PROVIDED RECORDS >>

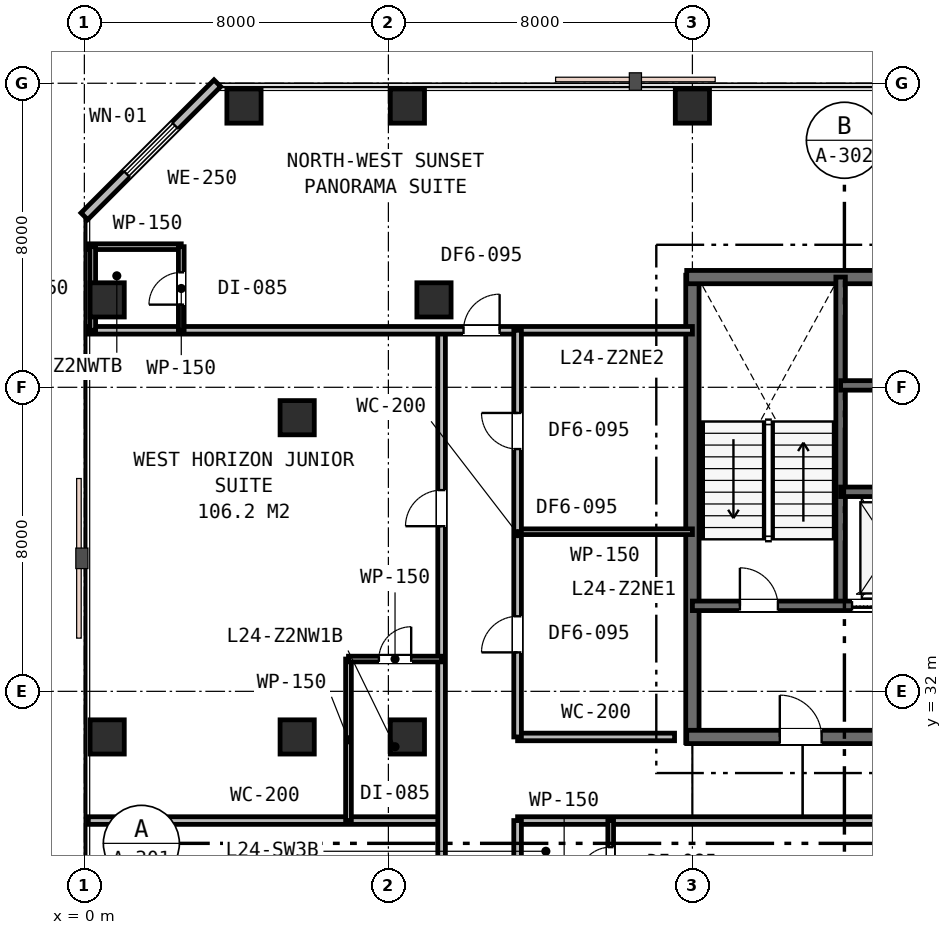
"""IFC4 building model, lengths in metres.
Left out: names, types, materials, properties, quantities, classifications, styles, units other than length and angle.
Written with IfcOpenShell. Run it as: python <this file> out.ifc"""

import sys

from ifc_helpers import new_model, si_unit, direction, frame, frame_2d, origin, origin_2d, place, context, subcontext, project, spatial, rectangle, extrude, element, fill, save


model = new_model("IFC4")
c1 = context("Model", 3, precision=1e-05, world=origin(), true_north=direction((0.0, 1.0)))
c2 = subcontext(c1, "Body", "Model", "MODEL_VIEW")
j1 = project(units=[si_unit("LENGTHUNIT", "METRE"), si_unit("PLANEANGLEUNIT", "RADIAN")], contexts=[c1])
p1 = place(None, origin())
s1 = spatial("IfcSite", under=j1, at=p1, CompositionType="ELEMENT")
p2 = place(p1, origin())
s2 = spatial("IfcBuilding", under=s1, at=p2, CompositionType="ELEMENT")
p3 = place(p2, frame((0.0, 0.0, 97.2)))
s3 = spatial("IfcBuildingStorey", under=s2, at=p3, CompositionType="ELEMENT", Elevation=97.2)
p4 = place(p3, frame((16.0, 30.65, 0.0), z_axis=(0.0, 0.0, 1.0), x_axis=(0.0, 1.0, 0.0)))
e1 = element("IfcWall", 1, at=p4, inside=s3, PredefinedType="SHEAR", context=c2, shape_type="SweptSolid", body=[
    extrude(rectangle(XDim=12.3, YDim=0.35, at=frame_2d((6.15, 0.0))), origin(), (0.0, 0.0, 1.0), 3.6),
])
p5 = place(p3, frame((15.85, 42.9, 0.0), z_axis=(0.0, 0.0, 1.0), x_axis=(1.0, 0.0, 0.0)))
e2 = element("IfcWall", 2, at=p5, inside=s3, PredefinedType="SHEAR", context=c2, shape_type="SweptSolid", body=[
    extrude(rectangle(XDim=24.3, YDim=0.35, at=frame_2d((12.15, 0.0))), origin(), (0.0, 0.0, 1.0), 3.6),
])
p6 = place(p3, frame((15.85, 30.8, 0.0), z_axis=(0.0, 0.0, 1.0), x_axis=(1.0, 0.0, 0.0)))
e3 = element("IfcWall", 3, at=p6, inside=s3, PredefinedType="SHEAR", context=c2, shape_type="SweptSolid", body=[
    extrude(rectangle(XDim=11.2, YDim=0.35, at=frame_2d((5.6, 0.0))), origin(), (0.0, 0.0, 1.0), 3.6),
])
p7 = place(p6, frame((2.45, 0.0, 0.0)))
e4 = element("IfcOpeningElement", 4, at=p7, cuts=e3, PredefinedType="OPENING", context=c2, shape_type="SweptSolid", body=[
    extrude(rectangle(XDim=1.1, YDim=2.15, at=frame_2d((0.55, 1.075))), frame((0.0, 0.185, 0.0), z_axis=(0.0, -1.0, 0.0), x_axis=(1.0, 0.0, 0.0)), (0.0, 0.0, 1.0), 0.37),
])
p8 = place(p3, frame((19.9, 34.25, 0.0), z_axis=(0.0, 0.0, 1.0), x_axis=(0.0, 1.0, 0.0)))
e5 = element("IfcWall", 5, at=p8, inside=s3, PredefinedType="SHEAR", context=c2, shape_type="SweptSolid", body=[
    extrude(rectangle(XDim=8.65, YDim=0.25, at=frame_2d((4.325, 0.0))), origin(), (0.0, 0.0, 1.0), 3.6),
])
p9 = place(p3, frame((16.0, 34.25, 0.0), z_axis=(0.0, 0.0, 1.0), x_axis=(1.0, 0.0, 0.0)))
e6 = element("IfcWall", 6, at=p9, inside=s3, PredefinedType="SHEAR", context=c2, shape_type="SweptSolid", body=[
    extrude(rectangle(XDim=6.05, YDim=0.25, at=frame_2d((3.025, 0.0))), origin(), (0.0, 0.0, 1.0), 3.6),
])
p10 = place(p9, frame((1.25, 0.0, 0.0)))
e7 = element("IfcOpeningElement", 7, at=p10, cuts=e6, PredefinedType="OPENING", context=c2, shape_type="SweptSolid", body=[
    extrude(rectangle(XDim=1.0, YDim=2.15, at=frame_2d((0.5, 1.075))), frame((0.0, 0.135, 0.0), z_axis=(0.0, -1.0, 0.0), x_axis=(1.0, 0.0, 0.0)), (0.0, 0.0, 1.0), 0.27),
])
p11 = place(p9, frame((4.2, 0.0, 0.0)))
e8 = element("IfcOpeningElement", 8, at=p11, cuts=e6, PredefinedType="OPENING", context=c2, shape_type="SweptSolid", body=[
    extrude(rectangle(XDim=1.1, YDim=2.15, at=frame_2d((0.55, 1.075))), frame((0.0, 0.135, 0.0), z_axis=(0.0, -1.0, 0.0), x_axis=(1.0, 0.0, 0.0)), (0.0, 0.0, 1.0), 0.27),
])
p12 = place(p3, frame((19.9, 37.25, 0.0), z_axis=(0.0, 0.0, 1.0), x_axis=(1.0, 0.0, 0.0)))
e9 = element("IfcWall", 9, at=p12, inside=s3, PredefinedType="SHEAR", context=c2, shape_type="SweptSolid", body=[
    extrude(rectangle(XDim=16.2, YDim=0.25, at=frame_2d((8.1, 0.0))), origin(), (0.0, 0.0, 1.0), 3.6),
])
p13 = place(p12, frame((12.55, 0.0, 0.0)))
e10 = element("IfcOpeningElement", 10, at=p13, cuts=e9, PredefinedType="OPENING", context=c2, shape_type="SweptSolid", body=[
    extrude(rectangle(XDim=0.9, YDim=2.15, at=frame_2d((0.45, 1.075))), frame((0.0, 0.135, 0.0), z_axis=(0.0, -1.0, 0.0), x_axis=(1.0, 0.0, 0.0)), (0.0, 0.0, 1.0), 0.27),
])
p14 = place(p3, frame((19.9, 40.05, 0.0), z_axis=(0.0, 0.0, 1.0), x_axis=(1.0, 0.0, 0.0)))
e11 = element("IfcWall", 11, at=p14, inside=s3, PredefinedType="SHEAR", context=c2, shape_type="SweptSolid", body=[
    extrude(rectangle(XDim=12.05, YDim=0.25, at=frame_2d((6.025, 0.0))), origin(), (0.0, 0.0, 1.0), 3.6),
])
for number, where, z_axis, x_axis in (
    (12, (5.6, 30.8, 0.0), (0.0, 0.0, 1.0), (1.0, 0.0, 0.0)),
    (13, (5.6, 39.2, 0.0), (0.0, 0.0, 1.0), (1.0, 0.0, 0.0)),
    (14, (8.5, 30.8, 0.0), (0.0, 0.0, 1.0), (1.0, 0.0, 0.0)),
    (15, (9.2, 42.3, 0.0), (0.0, 0.0, 1.0), (1.0, 0.0, 0.0)),
    (16, (0.6, 30.8, 0.0), (0.0, 0.0, 1.0), (1.0, 0.0, 0.0)),
    (17, (0.6, 42.3, 0.0), (0.0, 0.0, 1.0), (1.0, 0.0, 0.0)),
    (18, (4.2, 47.4, 0.0), (0.0, 0.0, 1.0), (1.0, 0.0, 0.0)),
    (19, (8.5, 47.4, 0.0), (0.0, 0.0, 1.0), (1.0, 0.0, 0.0)),
    (20, (16.0, 47.4, 0.0), (0.0, 0.0, 1.0), (1.0, 0.0, 0.0)),
):
    element("IfcColumn", number, at=place(p3, frame(where, z_axis=z_axis, x_axis=x_axis)), inside=s3, PredefinedType="COLUMN", context=c2, shape_type="SweptSolid", body=[
        extrude(rectangle(XDim=0.9, YDim=0.9, at=origin_2d()), origin(), (0.0, 0.0, 1.0), 3.6),
    ])
p15 = place(p3, frame((3.5, 48.0, 0.0), z_axis=(0.0, 0.0, 1.0), x_axis=(-0.707106781187, -0.707106781187, 0.0)))
e21 = element("IfcWall", 21, at=p15, inside=s3, PredefinedType="STANDARD", context=c2, shape_type="SweptSolid", body=[
    extrude(rectangle(XDim=4.95, YDim=0.25, at=frame_2d((2.475, 0.0))), origin(), (0.0, 0.0, 1.0), 3.33),
])
p16 = place(p15, frame((1.575, 0.0, 0.75)))
e22 = element("IfcOpeningElement", 22, at=p16, cuts=e21, PredefinedType="OPENING", context=c2, shape_type="SweptSolid", body=[
    extrude(rectangle(XDim=1.8, YDim=1.85, at=frame_2d((0.9, 0.925))), frame((0.0, 0.135, 0.0), z_axis=(0.0, -1.0, 0.0), x_axis=(1.0, 0.0, 0.0)), (0.0, 0.0, 1.0), 0.27),
])
p17 = place(p3, frame((0.1, 28.6, 0.0), z_axis=(0.0, 0.0, 1.0), x_axis=(1.0, 0.0, 0.0)))
e23 = element("IfcWall", 23, at=p17, inside=s3, PredefinedType="PARTITIONING", context=c2, shape_type="SweptSolid", body=[
    extrude(rectangle(XDim=9.3, YDim=0.2, at=frame_2d((4.65, 0.0))), origin(), (0.0, 0.0, 1.0), 2.83),
])
p18 = place(p3, frame((11.4, 28.6, 0.0), z_axis=(0.0, 0.0, 1.0), x_axis=(1.0, 0.0, 0.0)))
e24 = element("IfcWall", 24, at=p18, inside=s3, PredefinedType="PARTITIONING", context=c2, shape_type="SweptSolid", body=[
    extrude(rectangle(XDim=32.8, YDim=0.2, at=frame_2d((16.4, 0.0))), origin(), (0.0, 0.0, 1.0), 2.83),
])
p19 = place(p18, frame((14.7, 0.0, 0.0)))
e25 = element("IfcOpeningElement", 25, at=p19, cuts=e24, PredefinedType="OPENING", context=c2, shape_type="SweptSolid", body=[
    extrude(rectangle(XDim=0.95, YDim=2.15, at=frame_2d((0.475, 1.075))), frame((0.0, 0.11, 0.0), z_axis=(0.0, -1.0, 0.0), x_axis=(1.0, 0.0, 0.0)), (0.0, 0.0, 1.0), 0.22),
])
p20 = place(p18, frame((22.475, 0.0, 0.0)))
e26 = element("IfcOpeningElement", 26, at=p20, cuts=e24, PredefinedType="OPENING", context=c2, shape_type="SweptSolid", body=[
    extrude(rectangle(XDim=0.95, YDim=2.15, at=frame_2d((0.475, 1.075))), frame((0.0, 0.11, 0.0), z_axis=(0.0, -1.0, 0.0), x_axis=(1.0, 0.0, 0.0)), (0.0, 0.0, 1.0), 0.22),
])
p21 = place(p18, frame((28.985, 0.0, 0.0)))
e27 = element("IfcOpeningElement", 27, at=p21, cuts=e24, PredefinedType="OPENING", context=c2, shape_type="SweptSolid", body=[
    extrude(rectangle(XDim=0.95, YDim=2.15, at=frame_2d((0.475, 1.075))), frame((0.0, 0.11, 0.0), z_axis=(0.0, -1.0, 0.0), x_axis=(1.0, 0.0, 0.0)), (0.0, 0.0, 1.0), 0.22),
])
p22 = place(p3, frame((11.4, 30.8, 0.0), z_axis=(0.0, 0.0, 1.0), x_axis=(1.0, 0.0, 0.0)))
e28 = element("IfcWall", 28, at=p22, inside=s3, PredefinedType="PARTITIONING", context=c2, shape_type="SweptSolid", body=[
    extrude(rectangle(XDim=4.13, YDim=0.2, at=frame_2d((2.065, 0.0))), origin(), (0.0, 0.0, 1.0), 2.83),
])
p23 = place(p3, frame((9.4, 10.6, 0.0), z_axis=(0.0, 0.0, 1.0), x_axis=(0.0, 1.0, 0.0)))
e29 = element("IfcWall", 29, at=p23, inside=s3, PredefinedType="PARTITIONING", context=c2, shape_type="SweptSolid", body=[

TASK ITEM >>
Could you repeat exactly the lines in the listing above from the one with "p3 = place(p2, frame((0.0, 0.0, 97.2)))" down to the one with "30.65, 0.0), z_axis=(0.0, 0.0, 1.0), x_axis=(0.0, 1.0, 0.0)))"? Include both of those lines.

OUTPUT >>
p3 = place(p2, frame((0.0, 0.0, 97.2)))
s3 = spatial("IfcBuildingStorey", under=s2, at=p3, CompositionType="ELEMENT", Elevation=97.2)
p4 = place(p3, frame((16.0, 30.65, 0.0), z_axis=(0.0, 0.0, 1.0), x_axis=(0.0, 1.0, 0.0)))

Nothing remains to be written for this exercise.